*Goal of the exercise*
Within the records, find every line that includes the word "DECK" and copy it.

[Extracted records]
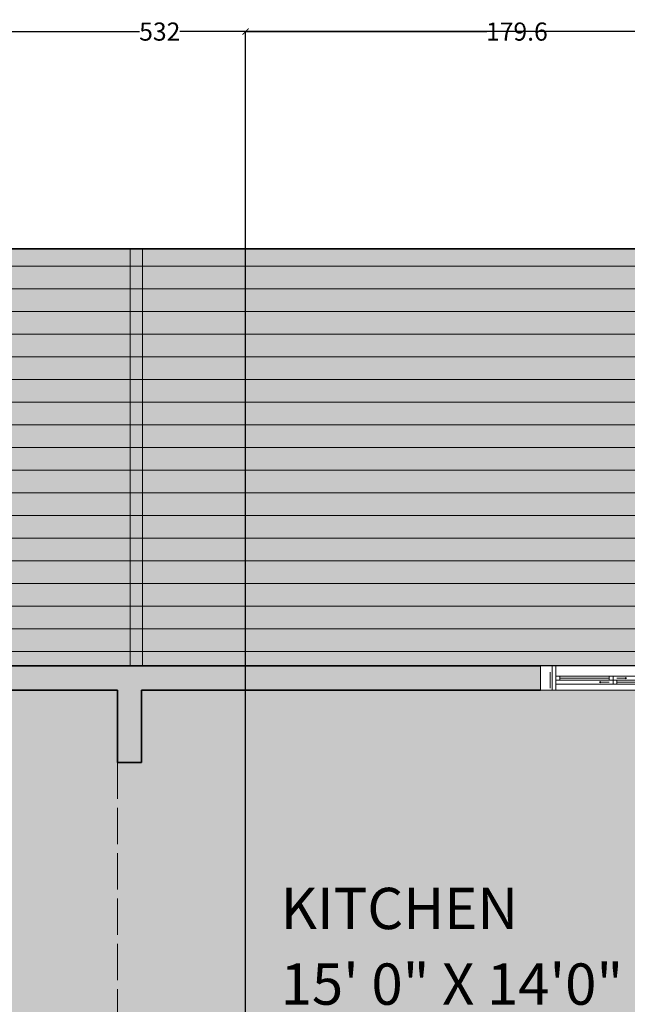
# Model space of a CAD drawing. Units: inches. Extents: x 1704 to 6393, y -157 to 1172.
# Tile 89 of 122: x 2293 to 2494, y 783 to 1109. Entities that reach past the tile are written whole.
import ezdxf

# ---------------------------------------------------------------- set-up
doc = ezdxf.new("R2010")
doc.units = ezdxf.units.IN
doc.header["$MEASUREMENT"] = 0
doc.linetypes.add('ACAD_ISO02W100', pattern=[15, 12, -3])
for name, color, linetype, lineweight in [('A-ANNO-DIMS', 7, 'Continuous', 13), ('A-AREA-IDEN', 7, 'Continuous', 18), ('A-WALL-OVHD', 8, 'ACAD_ISO02W100', 13), ('A-WALL-PATT', 7, 'Continuous', 13), ('C-PROP', 7, 'Continuous', 35), ('L-DECK-PLNK-PATT', 250, 'Continuous', 13), ('L-HRDS', 8, 'Continuous', 18), ('WALLS', 7, 'Continuous', 35), ('WINDOWS', 2, 'Continuous', 18)]:
    doc.layers.add(name, color=color, linetype=linetype, lineweight=lineweight)
doc.layers.add('A-FLOR-PATT', color=7, linetype='Continuous', lineweight=13, true_color=0xf2f2f2)
doc.layers.add('L-DECK-PATT', color=35, linetype='Continuous', lineweight=13, true_color=0xa6725b)
doc.styles.get("Standard").update_dxf_attribs({"font": 'arial.ttf'})
doc.dimstyles.get("Standard").update_dxf_attribs({"dimtxt": 6, "dimasz": 2, "dimexe": 0.18, "dimexo": 0.0625, "dimgap": 0.09, "dimtad": 0, "dimtih": 1, "dimtoh": 1, "dimdec": 1, "dimzin": 0, "dimdsep": 46, "dimlunit": 3, "dimtxsty": 'Standard', "dimblk": 'ARCHTICK', "dimcen": 0.09, "dimadec": 0, "dimazin": 0, "dimtfac": 1, "dimtdec": 1, "dimtofl": 0, "dimtmove": 0, "dimatfit": 3, "dimfxl": 1, "dimtolj": 1, "dimtzin": 0, "dimarcsym": 0})

# ---------------------------------------------------------------- blocks, each defined once
blk = doc.blocks.new('WIN-SLIDER-48')
for p, q in [((3.83, 8), (0, 8)), ((5.13, 8), (42.87, 8)), ((44.17, 8), (48, 8)), ((3.18, 5.86), (3.18, 0.65)), ((6.43, 4.55), (22.7, 4.55)), ((6.43, 3.9), (22.7, 3.9)), ((24, 4.55), (42.87, 4.55)), ((25.3, 3.9), (28.1, 3.9)), ((44.82, 5.86), (44.82, 0.65)), ((24, 1.95), (5.13, 1.95)), ((6.43, 3.25), (22.7, 3.25)), ((22.7, 2.6), (19.9, 2.6)), ((25.3, 3.25), (41.56, 3.25)), ((25.3, 2.6), (41.56, 2.6)), ((25.3, 1.95), (41.56, 1.95)), ((3.83, 0), (0, 0)), ((5.13, 0), (42.87, 0)), ((44.17, 0), (48, 0))]:
    blk.add_line(p, q)
for points in [[(5.13, 0), (3.83, 0), (3.83, 8), (5.13, 8)], [(42.87, 0), (44.17, 0), (44.17, 8), (42.87, 8)], [(5.13, 3.25), (6.43, 3.25), (6.43, 4.55), (5.13, 4.55)], [(22.7, 3.25), (24, 3.25), (24, 4.55), (22.7, 4.55)], [(28.43, 3.9), (28.1, 4.1), (28.1, 3.71)], [(19.57, 2.6), (19.9, 2.8), (19.9, 2.41)], [(24, 1.95), (25.3, 1.95), (25.3, 3.25), (24, 3.25)], [(41.56, 1.95), (42.87, 1.95), (42.87, 3.25), (41.56, 3.25)]]:
    blk.add_lwpolyline(points, close=True)
blk = doc.blocks.new('_ArchTick')
at = {"color": 0, "linetype": 'ByBlock', "const_width": 0.15}
blk.add_lwpolyline([(-0.5, -0.5), (0.5, 0.5)], dxfattribs=at)
blk = doc.blocks.new('*D92')
at = {"layer": 'A-ANNO-DIMS', "color": 0, "lineweight": -2, "transparency": 16777216}
for p, q in [((2073.35, 895.28), (2073.35, 1105.29)), ((2073.35, 1105.11), (2332.66, 1105.11)), ((2605.35, 1105.11), (2346.04, 1105.11)), ((2605.35, 895.28), (2605.35, 1105.29))]:
    blk.add_line(p, q, dxfattribs=at)
at = {"layer": 'Defpoints', "color": 0, "lineweight": -3, "transparency": 16777216}
for p in [(2605.35, 1105.11), (2073.35, 895.21), (2605.35, 895.21)]:
    blk.add_point(p, dxfattribs=at)
at = {"layer": 'A-ANNO-DIMS', "color": 0, "lineweight": -2, "transparency": 16777216, "xscale": 2, "yscale": 2, "zscale": 2, "rotation": 180}
blk.add_blockref('_ArchTick', (2073.35, 1105.11), dxfattribs=at)
at = {"layer": 'A-ANNO-DIMS', "color": 0, "lineweight": -2, "transparency": 16777216, "xscale": 2, "yscale": 2, "zscale": 2}
blk.add_blockref('_ArchTick', (2605.35, 1105.11), dxfattribs=at)
at = {"layer": 'A-ANNO-DIMS', "color": 0, "transparency": 16777216, "insert": (2339.35, 1105.11), "char_height": 6, "attachment_point": 5}
blk.add_mtext('\\A1;532', dxfattribs=at)
blk = doc.blocks.new('*D93')
at = {"layer": 'A-ANNO-DIMS', "color": 0, "lineweight": -2, "transparency": 16777216}
for p, q in [((2605.29, 895.21), (1829.7, 895.21)), ((1829.88, 895.21), (1829.88, 495.87)), ((1829.88, 90.21), (1829.88, 489.56)), ((2605.29, 90.21), (1829.7, 90.21))]:
    blk.add_line(p, q, dxfattribs=at)
at = {"layer": 'Defpoints', "color": 0, "lineweight": -3, "transparency": 16777216}
for p in [(2605.35, 895.21), (1829.88, 90.21), (2605.35, 90.21)]:
    blk.add_point(p, dxfattribs=at)
at = {"layer": 'A-ANNO-DIMS', "color": 0, "lineweight": -2, "transparency": 16777216, "xscale": 2, "yscale": 2, "zscale": 2}
for p, rotation in [((1829.88, 895.21), 90), ((1829.88, 90.21), 270)]:
    blk.add_blockref('_ArchTick', p, dxfattribs=dict(at, rotation=rotation))
at = {"layer": 'A-ANNO-DIMS', "color": 0, "transparency": 16777216, "insert": (1829.88, 492.71), "char_height": 6, "attachment_point": 5}
blk.add_mtext('\\A1;805', dxfattribs=at)
blk = doc.blocks.new('*D102')
at = {"layer": 'A-ANNO-DIMS', "color": 0, "lineweight": -2, "transparency": 16777216}
for p, q in [((2367.74, 711.28), (2367.74, 1105.29)), ((2367.74, 1105.11), (2447.61, 1105.11)), ((2547.35, 1105.11), (2467.47, 1105.11)), ((2547.35, 711.28), (2547.35, 1105.29))]:
    blk.add_line(p, q, dxfattribs=at)
at = {"layer": 'Defpoints', "color": 0, "lineweight": -3, "transparency": 16777216}
for p in [(2547.35, 1105.11), (2367.74, 711.21), (2547.35, 711.21)]:
    blk.add_point(p, dxfattribs=at)
at = {"layer": 'A-ANNO-DIMS', "color": 0, "lineweight": -2, "transparency": 16777216, "xscale": 2, "yscale": 2, "zscale": 2, "rotation": 180}
blk.add_blockref('_ArchTick', (2367.74, 1105.11), dxfattribs=at)
at = {"layer": 'A-ANNO-DIMS', "color": 0, "lineweight": -2, "transparency": 16777216, "xscale": 2, "yscale": 2, "zscale": 2}
blk.add_blockref('_ArchTick', (2547.35, 1105.11), dxfattribs=at)
at = {"layer": 'A-ANNO-DIMS', "color": 0, "transparency": 16777216, "insert": (2457.54, 1105.11), "char_height": 6, "attachment_point": 5}
blk.add_mtext('\\A1;179.6', dxfattribs=at)

msp = doc.modelspace()

# ---------------------------------------------------------------- hatches: boundary and pattern name
at = {"layer": 'A-FLOR-PATT', "transparency": 33554528}
h = msp.add_hatch(color=256, dxfattribs=at)
h.dxf.hatch_style = 1
h.paths.add_polyline_path([(2325.349, 863.213), (2325.349, 887.213), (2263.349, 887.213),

*Answer below*
for name, color, linetype, lineweight in [('A-ANNO-DIMS', 7, 'Continuous', 13), ('A-AREA-IDEN', 7, 'Continuous', 18), ('A-WALL-OVHD', 8, 'ACAD_ISO02W100', 13), ('A-WALL-PATT', 7, 'Continuous', 13), ('C-PROP', 7, 'Continuous', 35), ('L-DECK-PLNK-PATT', 250, 'Continuous', 13), ('L-HRDS', 8, 'Continuous', 18), ('WALLS', 7, 'Continuous', 35), ('WINDOWS', 2, 'Continuous', 18)]:
doc.layers.add('L-DECK-PATT', color=35, linetype='Continuous', lineweight=13, true_color=0xa6725b)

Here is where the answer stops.